In the material below, find the line with "#121=CARTESIAN_POINT('',(-0.9369,0.4118,11.545));" and the line with "#134=AXIS2_PLACEMENT_3D('',#131,#132,#133);", then output those two lines and every line between them, exactly.

━━━━━ Data records

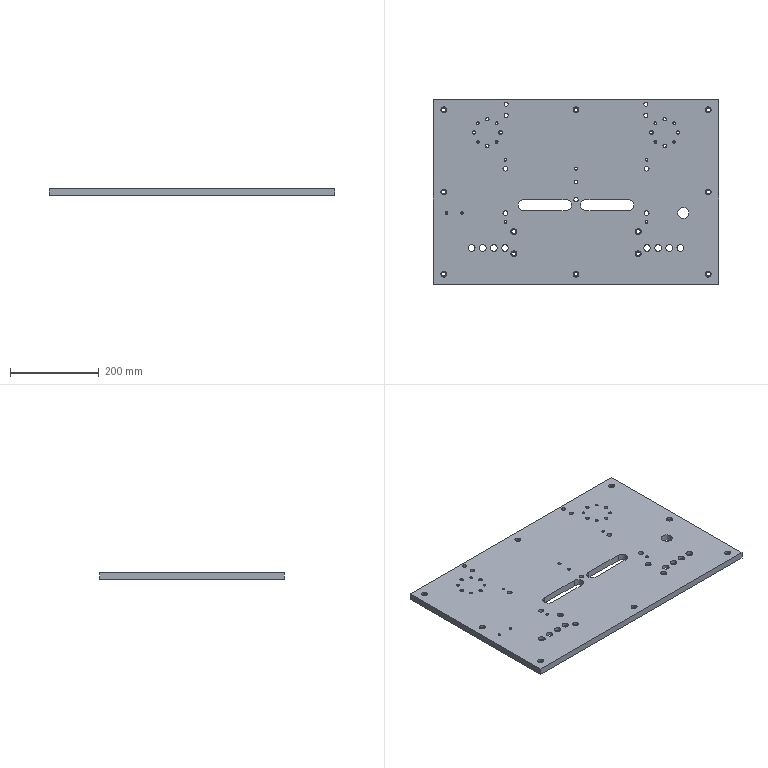Component | SolidWorks | FrameAssembly-1_LongitudinalSealPanel-1 | 1 solid | 216 faces | volume 3824896 mm3 | cylinder 144 | cone 44 | plane 28 | commonest cylinder face diameters 9 x32 5 x28 13.5 x24 6.8 x16 15 x16 11 x8 25 x8 26 x6
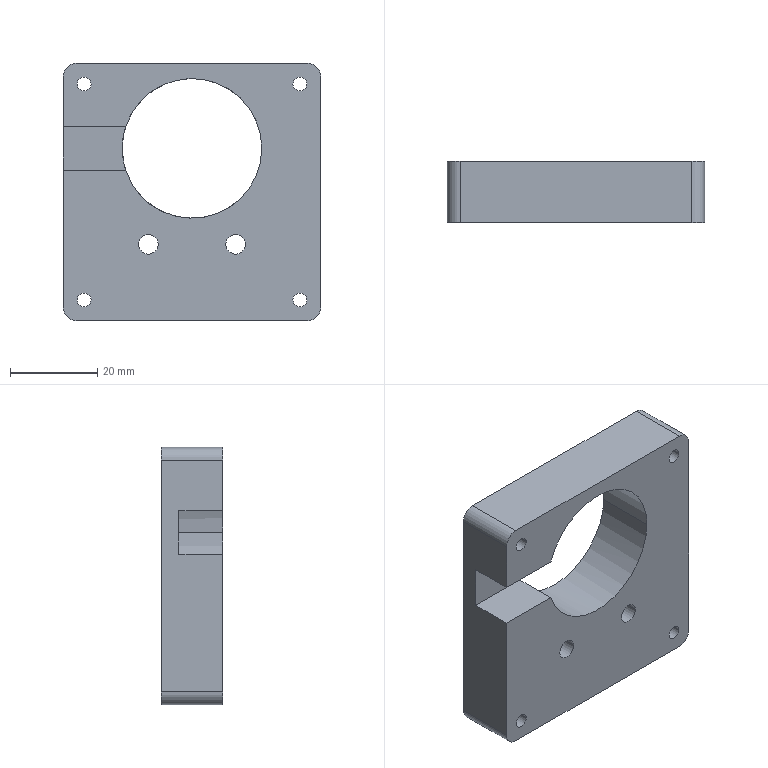Component | SolidWorks | MotorPlate-1 | 1 solid | 33 faces | box 59 x 14 x 59 mm | volume 34785 mm3 | cylinder 22 | plane 11 | commonest cylinder face diameters 3.2 x8 8 x4 4.5 x4 6 x4 32 x2 | material 6061 Alloy
STEP:
#1=CARTESIAN_POINT('',(-2.148,0.2347,12.047));
#2=VERTEX_POINT('',#1);
#3=CARTESIAN_POINT('',(-2.462,0.2347,12.047));
#4=VERTEX_POINT('',#3);
#5=CARTESIAN_POINT('',(-2.305,0.2347,12.047));
#6=DIRECTION('',(-0.,1.,-0.));
#7=DIRECTION('',(-1.,-0.,0.));
#8=AXIS2_PLACEMENT_3D('',#5,#6,#7);
#9=CIRCLE('',#8,0.1575);
#10=EDGE_CURVE('',#2,#4,#9,.T.);
#11=ORIENTED_EDGE('',*,*,#10,.F.);
#12=CARTESIAN_POINT('',(-2.148,0.4118,12.047));
#13=VERTEX_POINT('',#12);
#14=CARTESIAN_POINT('',(-2.148,0.2347,12.047));
#15=DIRECTION('',(-0.,1.,-0.));
#16=VECTOR('',#15,39.37);
#17=LINE('',#14,#16);
#18=EDGE_CURVE('',#2,#13,#17,.T.);
#19=ORIENTED_EDGE('',*,*,#18,.T.);
#20=CARTESIAN_POINT('',(-2.462,0.4118,12.047));
#21=VERTEX_POINT('',#20);
#22=CARTESIAN_POINT('',(-2.305,0.4118,12.047));
#23=DIRECTION('',(-0.,1.,-0.));
#24=DIRECTION('',(-1.,-0.,0.));
#25=AXIS2_PLACEMENT_3D('',#22,#23,#24);
#26=CIRCLE('',#25,0.1575);
#27=EDGE_CURVE('',#13,#21,#26,.T.);
#28=ORIENTED_EDGE('',*,*,#27,.T.);
#29=CARTESIAN_POINT('',(-2.462,0.2347,12.047));
#30=DIRECTION('',(-0.,1.,-0.));
#31=VECTOR('',#30,39.37);
#32=LINE('',#29,#31);
#33=EDGE_CURVE('',#4,#21,#32,.T.);
#34=ORIENTED_EDGE('',*,*,#33,.F.);
#35=EDGE_LOOP('',(#11,#19,#28,#34));
#36=FACE_OUTER_BOUND('',#35,.T.);
#37=CARTESIAN_POINT('',(-2.305,0.2347,12.047));
#38=DIRECTION('',(-0.,1.,-0.));
#39=DIRECTION('',(-1.,-0.,0.));
#40=AXIS2_PLACEMENT_3D('',#37,#38,#39);
#41=CYLINDRICAL_SURFACE('',#40,0.1575);
#42=ADVANCED_FACE('',(#36),#41,.F.);
#43=CARTESIAN_POINT('',(-1.36,0.2347,12.047));
#44=VERTEX_POINT('',#43);
#45=CARTESIAN_POINT('',(-1.675,0.2347,12.047));
#46=VERTEX_POINT('',#45);
#47=CARTESIAN_POINT('',(-1.518,0.2347,12.047));
#48=DIRECTION('',(-0.,1.,-0.));
#49=DIRECTION('',(-1.,-0.,0.));
#50=AXIS2_PLACEMENT_3D('',#47,#48,#49);
#51=CIRCLE('',#50,0.1575);
#52=EDGE_CURVE('',#44,#46,#51,.T.);
#53=ORIENTED_EDGE('',*,*,#52,.F.);
#54=CARTESIAN_POINT('',(-1.36,0.4118,12.047));
#55=VERTEX_POINT('',#54);
#56=CARTESIAN_POINT('',(-1.36,0.2347,12.047));
#57=DIRECTION('',(-0.,1.,-0.));
#58=VECTOR('',#57,39.37);
#59=LINE('',#56,#58);
#60=EDGE_CURVE('',#44,#55,#59,.T.);
#61=ORIENTED_EDGE('',*,*,#60,.T.);
#62=CARTESIAN_POINT('',(-1.675,0.4118,12.047));
#63=VERTEX_POINT('',#62);
#64=CARTESIAN_POINT('',(-1.518,0.4118,12.047));
#65=DIRECTION('',(-0.,1.,-0.));
#66=DIRECTION('',(-1.,-0.,0.));
#67=AXIS2_PLACEMENT_3D('',#64,#65,#66);
#68=CIRCLE('',#67,0.1575);
#69=EDGE_CURVE('',#55,#63,#68,.T.);
#70=ORIENTED_EDGE('',*,*,#69,.T.);
#71=CARTESIAN_POINT('',(-1.675,0.2347,12.047));
#72=DIRECTION('',(-0.,1.,-0.));
#73=VECTOR('',#72,39.37);
#74=LINE('',#71,#73);
#75=EDGE_CURVE('',#46,#63,#74,.T.);
#76=ORIENTED_EDGE('',*,*,#75,.F.);
#77=EDGE_LOOP('',(#53,#61,#70,#76));
#78=FACE_OUTER_BOUND('',#77,.T.);
#79=CARTESIAN_POINT('',(-1.518,0.2347,12.047));
#80=DIRECTION('',(-0.,1.,-0.));
#81=DIRECTION('',(-1.,-0.,0.));
#82=AXIS2_PLACEMENT_3D('',#79,#80,#81);
#83=CYLINDRICAL_SURFACE('',#82,0.1575);
#84=ADVANCED_FACE('',(#78),#83,.F.);
#85=CARTESIAN_POINT('',(-0.8739,0.4118,11.545));
#86=VERTEX_POINT('',#85);
#87=CARTESIAN_POINT('',(-0.9999,0.4118,11.545));
#88=VERTEX_POINT('',#87);
#89=CARTESIAN_POINT('',(-0.9369,0.4118,11.545));
#90=DIRECTION('',(-0.,1.,-0.));
#91=DIRECTION('',(-1.,0.,0.));
#92=AXIS2_PLACEMENT_3D('',#89,#90,#91);
#93=CIRCLE('',#92,0.06299);
#94=EDGE_CURVE('',#86,#88,#93,.T.);
#95=ORIENTED_EDGE('',*,*,#94,.T.);
#96=CARTESIAN_POINT('',(-0.9999,-0.1394,11.545));
#97=VERTEX_POINT('',#96);
#98=CARTESIAN_POINT('',(-0.9999,0.4118,11.545));
#99=DIRECTION('',(0.,-1.,0.));
#100=VECTOR('',#99,39.37);
#101=LINE('',#98,#100);
#102=EDGE_CURVE('',#88,#97,#101,.T.);
#103=ORIENTED_EDGE('',*,*,#102,.T.);
#104=CARTESIAN_POINT('',(-0.8739,-0.1394,11.545));
#105=VERTEX_POINT('',#104);
#106=CARTESIAN_POINT('',(-0.9369,-0.1394,11.545));
#107=DIRECTION('',(-0.,1.,-0.));
#108=DIRECTION('',(-1.,-0.,0.));
#109=AXIS2_PLACEMENT_3D('',#106,#107,#108);
#110=CIRCLE('',#109,0.06299);
#111=EDGE_CURVE('',#105,#97,#110,.T.);
#112=ORIENTED_EDGE('',*,*,#111,.F.);
#113=CARTESIAN_POINT('',(-0.8739,0.4118,11.545));
#114=DIRECTION('',(0.,-1.,0.));
#115=VECTOR('',#114,39.37);
#116=LINE('',#113,#115);
#117=EDGE_CURVE('',#86,#105,#116,.T.);
#118=ORIENTED_EDGE('',*,*,#117,.F.);
#119=EDGE_LOOP('',(#95,#103,#112,#118));
#120=FACE_OUTER_BOUND('',#119,.T.);
#121=CARTESIAN_POINT('',(-0.9369,0.4118,11.545));
#122=DIRECTION('',(0.,-1.,0.));
#123=DIRECTION('',(1.,0.,0.));
#124=AXIS2_PLACEMENT_3D('',#121,#122,#123);
#125=CYLINDRICAL_SURFACE('',#124,0.06299);
#126=ADVANCED_FACE('',(#120),#125,.F.);
#127=CARTESIAN_POINT('',(-2.823,0.4118,11.545));
#128=VERTEX_POINT('',#127);
#129=CARTESIAN_POINT('',(-2.949,0.4118,11.545));
#130=VERTEX_POINT('',#129);
#131=CARTESIAN_POINT('',(-2.886,0.4118,11.545));
#132=DIRECTION('',(-0.,1.,-0.));
#133=DIRECTION('',(-1.,0.,0.));
#134=AXIS2_PLACEMENT_3D('',#131,#132,#133);
#135=CIRCLE('',#134,0.06299);
#136=EDGE_CURVE('',#128,#130,#135,.T.);
#137=ORIENTED_EDGE('',*,*,#136,.T.);
#138=CARTESIAN_POINT('',(-2.949,-0.1394,11.545));
#139=VERTEX_POINT('',#138);
#140=CARTESIAN_POINT('',(-2.949,0.4118,11.545));
#141=DIRECTION('',(0.,-1.,0.));
#142=VECTOR('',#141,39.37);
#143=LINE('',#140,#142);
#144=EDGE_CURVE('',#130,#139,#143,.T.);
#145=ORIENTED_EDGE('',*,*,#144,.T.);
#146=CARTESIAN_POINT('',(-2.823,-0.1394,11.545));
#147=VERTEX_POINT('',#146);
#148=CARTESIAN_POINT('',(-2.886,-0.1394,11.545));
#149=DIRECTION('',(-0.,1.,-0.));
#150=DIRECTION('',(-1.,-0.,0.));
#151=AXIS2_PLACEMENT_3D('',#148,#149,#150);
#152=CIRCLE('',#151,0.06299);
#153=EDGE_CURVE('',#147,#139,#152,.T.);
#154=ORIENTED_EDGE('',*,*,#153,.F.);
#155=CARTESIAN_POINT('',(-2.823,0.4118,11.545));
#156=DIRECTION('',(0.,-1.,0.));
#157=VECTOR('',#156,39.37);
#158=LINE('',#155,#157);
#159=EDGE_CURVE('',#128,#147,#158,.T.);
#160=ORIENTED_EDGE('',*,*,#159,.F.);
#161=EDGE_LOOP('',(#137,#145,#154,#160));
#162=FACE_OUTER_BOUND('',#161,.T.);
#163=CARTESIAN_POINT('',(-2.886,0.4118,11.545));
#164=DIRECTION('',(0.,-1.,0.));
#165=DIRECTION('',(1.,0.,0.));
#166=AXIS2_PLACEMENT_3D('',#163,#164,#165);
#167=CYLINDRICAL_SURFACE('',#166,0.06299);
#168=ADVANCED_FACE('',(#162),#167,.F.);
#169=CARTESIAN_POINT('',(-2.823,0.4118,13.494));
#170=VERTEX_POINT('',#169);
#171=CARTESIAN_POINT('',(-2.949,0.4118,13.494));
#172=VERTEX_POINT('',#171);
#173=CARTESIAN_POINT('',(-2.886,0.4118,13.494));
#174=DIRECTION('',(-0.,1.,-0.));
#175=DIRECTION('',(-1.,0.,0.));
#176=AXIS2_PLACEMENT_3D('',#173,#174,#175);
#177=CIRCLE('',#176,0.06299);
#178=EDGE_CURVE('',#170,#172,#177,.T.);
#179=ORIENTED_EDGE('',*,*,#178,.T.);
#180=CARTESIAN_POINT('',(-2.949,-0.1394,13.494));
#181=VERTEX_POINT('',#180);
#182=CARTESIAN_POINT('',(-2.949,0.4118,13.494));
#183=DIRECTION('',(0.,-1.,0.));
#184=VECTOR('',#183,39.37);
#185=LINE('',#182,#184);
#186=EDGE_CURVE('',#172,#181,#185,.T.);
#187=ORIENTED_EDGE('',*,*,#186,.T.);
#188=CARTESIAN_POINT('',(-2.823,-0.1394,13.494));
#189=VERTEX_POINT('',#188);
#190=CARTESIAN_POINT('',(-2.886,-0.1394,13.494));
#191=DIRECTION('',(-0.,1.,-0.));
#192=DIRECTION('',(-1.,-0.,0.));
#193=AXIS2_PLACEMENT_3D('',#190,#191,#192);
#194=CIRCLE('',#193,0.06299);
#195=EDGE_CURVE('',#189,#181,#194,.T.);
#196=ORIENTED_EDGE('',*,*,#195,.F.);
#197=CARTESIAN_POINT('',(-2.823,0.4118,13.494));
#198=DIRECTION('',(0.,-1.,0.));
#199=VECTOR('',#198,39.37);
#200=LINE('',#197,#199);
#201=EDGE_CURVE('',#170,#189,#200,.T.);
#202=ORIENTED_EDGE('',*,*,#201,.F.);
#203=EDGE_LOOP('',(#179,#187,#196,#202));
#204=FACE_OUTER_BOUND('',#203,.T.);
#205=CARTESIAN_POINT('',(-2.886,0.4118,13.494));
#206=DIRECTION('',(0.,-1.,0.));
#207=DIRECTION('',(1.,0.,0.));
#208=AXIS2_PLACEMENT_3D('',#205,#206,#207);
#209=CYLINDRICAL_SURFACE('',#208,0.06299);
#210=ADVANCED_FACE('',(#204),#209,.F.);
#211=CARTESIAN_POINT('',(-0.8739,0.4118,13.494));
#212=VERTEX_POINT('',#211);
#213=CARTESIAN_POINT('',(-0.9999,0.4118,13.494));
#214=VERTEX_POINT('',#213);
#215=CARTESIAN_POINT('',(-0.9369,0.4118,13.494));
#216=DIRECTION('',(-0.,1.,-0.));
#217=DIRECTION('',(-1.,0.,0.));
#218=AXIS2_PLACEMENT_3D('',#215,#216,#217);
#219=CIRCLE('',#218,0.06299);
#220=EDGE_CURVE('',#212,#214,#219,.T.);
#221=ORIENTED_EDGE('',*,*,#220,.T.);
#222=CARTESIAN_POINT('',(-0.9999,-0.1394,13.494));
#223=VERTEX_POINT('',#222);
#224=CARTESIAN_POINT('',(-0.9999,0.4118,13.494));
#225=DIRECTION('',(0.,-1.,0.));
#226=VECTOR('',#225,39.37);
#227=LINE('',#224,#226);
#228=EDGE_CURVE('',#214,#223,#227,.T.);
#229=ORIENTED_EDGE('',*,*,#228,.T.);
#230=CARTESIAN_POINT('',(-0.8739,-0.1394,13.494));
#231=VERTEX_POINT('',#230);
#232=CARTESIAN_POINT('',(-0.9369,-0.1394,13.494));
#233=DIRECTION('',(-0.,1.,-0.));
#234=DIRECTION('',(-1.,-0.,0.));
#235=AXIS2_PLACEMENT_3D('',#232,#233,#234);
#236=CIRCLE('',#235,0.06299);
#237=EDGE_CURVE('',#231,#223,#236,.T.);
#238=ORIENTED_EDGE('',*,*,#237,.F.);
#239=CARTESIAN_POINT('',(-0.8739,0.4118,13.494));
#240=DIRECTION('',(0.,-1.,0.));
#241=VECTOR('',#240,39.37);
#242=LINE('',#239,#241);
#243=EDGE_CURVE('',#212,#231,#242,.T.);
#244=ORIENTED_EDGE('',*,*,#243,.F.);
#245=EDGE_LOOP('',(#221,#229,#238,#244));
#246=FACE_OUTER_BOUND('',#245,.T.);
#247=CARTESIAN_POINT('',(-0.9369,0.4118,13.494));
#248=DIRECTION('',(0.,-1.,0.));
#249=DIRECTION('',(1.,0.,0.));
#250=AXIS2_PLACEMENT_3D('',#247,#248,#249);
#251=CYLINDRICAL_SURFACE('',#250,0.06299);
#252=ADVANCED_FACE('',(#246),#251,.F.);
#253=CARTESIAN_POINT('',(-1.429,0.2347,12.047));
#254=VERTEX_POINT('',#253);
#255=CARTESIAN_POINT('',(-1.606,0.2347,12.047));
#256=VERTEX_POINT('',#255);
#257=CARTESIAN_POINT('',(-1.518,0.2347,12.047));
#258=DIRECTION('',(-0.,1.,-0.));
#259=DIRECTION('',(-1.,-0.,0.));
#260=AXIS2_PLACEMENT_3D('',#257,#258,#259);
#261=CIRCLE('',#260,0.08858);
#262=EDGE_CURVE('',#254,#256,#261,.T.);
#263=ORIENTED_EDGE('',*,*,#262,.T.);
#264=CARTESIAN_POINT('',(-1.606,-0.1394,12.047));
#265=VERTEX_POINT('',#264);
#266=CARTESIAN_POINT('',(-1.606,0.4118,12.047));
#267=DIRECTION('',(0.,-1.,0.));
#268=VECTOR('',#267,39.37);
#269=LINE('',#266,#268);
#270=EDGE_CURVE('',#256,#265,#269,.T.);
#271=ORIENTED_EDGE('',*,*,#270,.T.);
#272=CARTESIAN_POINT('',(-1.429,-0.1394,12.047));
#273=VERTEX_POINT('',#272);
#274=CARTESIAN_POINT('',(-1.518,-0.1394,12.047));
#275=DIRECTION('',(-0.,1.,-0.));
#276=DIRECTION('',(-1.,-0.,0.));
#277=AXIS2_PLACEMENT_3D('',#274,#275,#276);
#278=CIRCLE('',#277,0.08858);
#279=EDGE_CURVE('',#273,#265,#278,.T.);
#280=ORIENTED_EDGE('',*,*,#279,.F.);
#281=CARTESIAN_POINT('',(-1.429,0.4118,12.047));
#282=DIRECTION('',(0.,-1.,0.));
#283=VECTOR('',#282,39.37);
#284=LINE('',#281,#283);
#285=EDGE_CURVE('',#254,#273,#284,.T.);
#286=ORIENTED_EDGE('',*,*,#285,.F.);
#287=EDGE_LOOP('',(#263,#271,#280,#286));
#288=FACE_OUTER_BOUND('',#287,.T.);
#289=CARTESIAN_POINT('',(-1.518,0.4118,12.047));
#290=DIRECTION('',(0.,-1.,0.));
#291=DIRECTION('',(1.,0.,0.));
#292=AXIS2_PLACEMENT_3D('',#289,#290,#291);
#293=CYLINDRICAL_SURFACE('',#292,0.08858);
#294=ADVANCED_FACE('',(#288),#293,.F.);
#295=CARTESIAN_POINT('',(-2.216,0.2347,12.047));
#296=VERTEX_POINT('',#295);
#297=CARTESIAN_POINT('',(-2.394,0.2347,12.047));
#298=VERTEX_POINT('',#297);
#299=CARTESIAN_POINT('',(-2.305,0.2347,12.047));
#300=DIRECTION('',(-0.,1.,-0.));
#301=DIRECTION('',(-1.,-0.,0.));
#302=AXIS2_PLACEMENT_3D('',#299,#300,#301);
#303=CIRCLE('',#302,0.08858);
#304=EDGE_CURVE('',#296,#298,#303,.T.);
#305=ORIENTED_EDGE('',*,*,#304,.T.);
#306=CARTESIAN_POINT('',(-2.394,-0.1394,12.047));
#307=VERTEX_POINT('',#306);
#308=CARTESIAN_POINT('',(-2.394,0.4118,12.047));
#309=DIRECTION('',(0.,-1.,0.));
#310=VECTOR('',#309,39.37);
#311=LINE('',#308,#310);
#312=EDGE_CURVE('',#298,#307,#311,.T.);
#313=ORIENTED_EDGE('',*,*,#312,.T.);
#314=CARTESIAN_POINT('',(-2.216,-0.1394,12.047));
#315=VERTEX_POINT('',#314);
#316=CARTESIAN_POINT('',(-2.305,-0.1394,12.047));
#317=DIRECTION('',(-0.,1.,-0.));
#318=DIRECTION('',(-1.,-0.,0.));
#319=AXIS2_PLACEMENT_3D('',#316,#317,#318);
#320=CIRCLE('',#319,0.08858);
#321=EDGE_CURVE('',#315,#307,#320,.T.);
#322=ORIENTED_EDGE('',*,*,#321,.F.);
#323=CARTESIAN_POINT('',(-2.216,0.4118,12.047));
#324=DIRECTION('',(0.,-1.,0.));
#325=VECTOR('',#324,39.37);
#326=LINE('',#323,#325);
#327=EDGE_CURVE('',#296,#315,#326,.T.);
#328=ORIENTED_EDGE('',*,*,#327,.F.);
#329=EDGE_LOOP('',(#305,#313,#322,#328));
#330=FACE_OUTER_BOUND('',#329,.T.);
#331=CARTESIAN_POINT('',(-2.305,0.4118,12.047));
#332=DIRECTION('',(0.,-1.,0.));
#333=DIRECTION('',(1.,0.,0.));
#334=AXIS2_PLACEMENT_3D('',#331,#332,#333);
#335=CYLINDRICAL_SURFACE('',#334,0.08858);
#336=ADVANCED_FACE('',(#330),#335,.F.);
#337=CARTESIAN_POINT('',(-1.281,0.4118,12.913));
#338=VERTEX_POINT('',#337);
#339=CARTESIAN_POINT('',(-2.541,0.4118,12.913));
#340=VERTEX_POINT('',#339);
#341=CARTESIAN_POINT('',(-1.911,0.4118,12.913));
#342=DIRECTION('',(-0.,1.,-0.));
#343=DIRECTION('',(-1.,-0.,0.));
#344=AXIS2_PLACEMENT_3D('',#341,#342,#343);
#345=CIRCLE('',#344,0.6299);
#346=EDGE_CURVE('',#338,#340,#345,.T.);
#347=ORIENTED_EDGE('',*,*,#346,.T.);
#348=CARTESIAN_POINT('',(-2.541,0.2543,12.913));
#349=VERTEX_POINT('',#348);
#350=CARTESIAN_POINT('',(-2.541,0.4118,12.913));
#351=DIRECTION('',(0.,-1.,0.));
#352=VECTOR('',#351,39.37);
#353=LINE('',#350,#352);
#354=EDGE_CURVE('',#340,#349,#353,.T.);
#355=ORIENTED_EDGE('',*,*,#354,.T.);
#356=CARTESIAN_POINT('',(-2.51,0.2543,12.717));
#357=VERTEX_POINT('',#356);
#358=CARTESIAN_POINT('',(-1.911,0.2543,12.913));
#359=DIRECTION('',(0.,-1.,0.));
#360=DIRECTION('',(1.,0.,-0.));
#361=AXIS2_PLACEMENT_3D('',#358,#359,#360);
#362=CIRCLE('',#361,0.6299);
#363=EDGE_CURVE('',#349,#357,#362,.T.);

━━━━━━━━━━

● **Answer for the task**:
#121=CARTESIAN_POINT('',(-0.9369,0.4118,11.545));
#122=DIRECTION('',(0.,-1.,0.));
#123=DIRECTION('',(1.,0.,0.));
#124=AXIS2_PLACEMENT_3D('',#121,#122,#123);
#125=CYLINDRICAL_SURFACE('',#124,0.06299);
#126=ADVANCED_FACE('',(#120),#125,.F.);
#127=CARTESIAN_POINT('',(-2.823,0.4118,11.545));
#128=VERTEX_POINT('',#127);
#129=CARTESIAN_POINT('',(-2.949,0.4118,11.545));
#130=VERTEX_POINT('',#129);
#131=CARTESIAN_POINT('',(-2.886,0.4118,11.545));
#132=DIRECTION('',(-0.,1.,-0.));
#133=DIRECTION('',(-1.,0.,0.));
#134=AXIS2_PLACEMENT_3D('',#131,#132,#133);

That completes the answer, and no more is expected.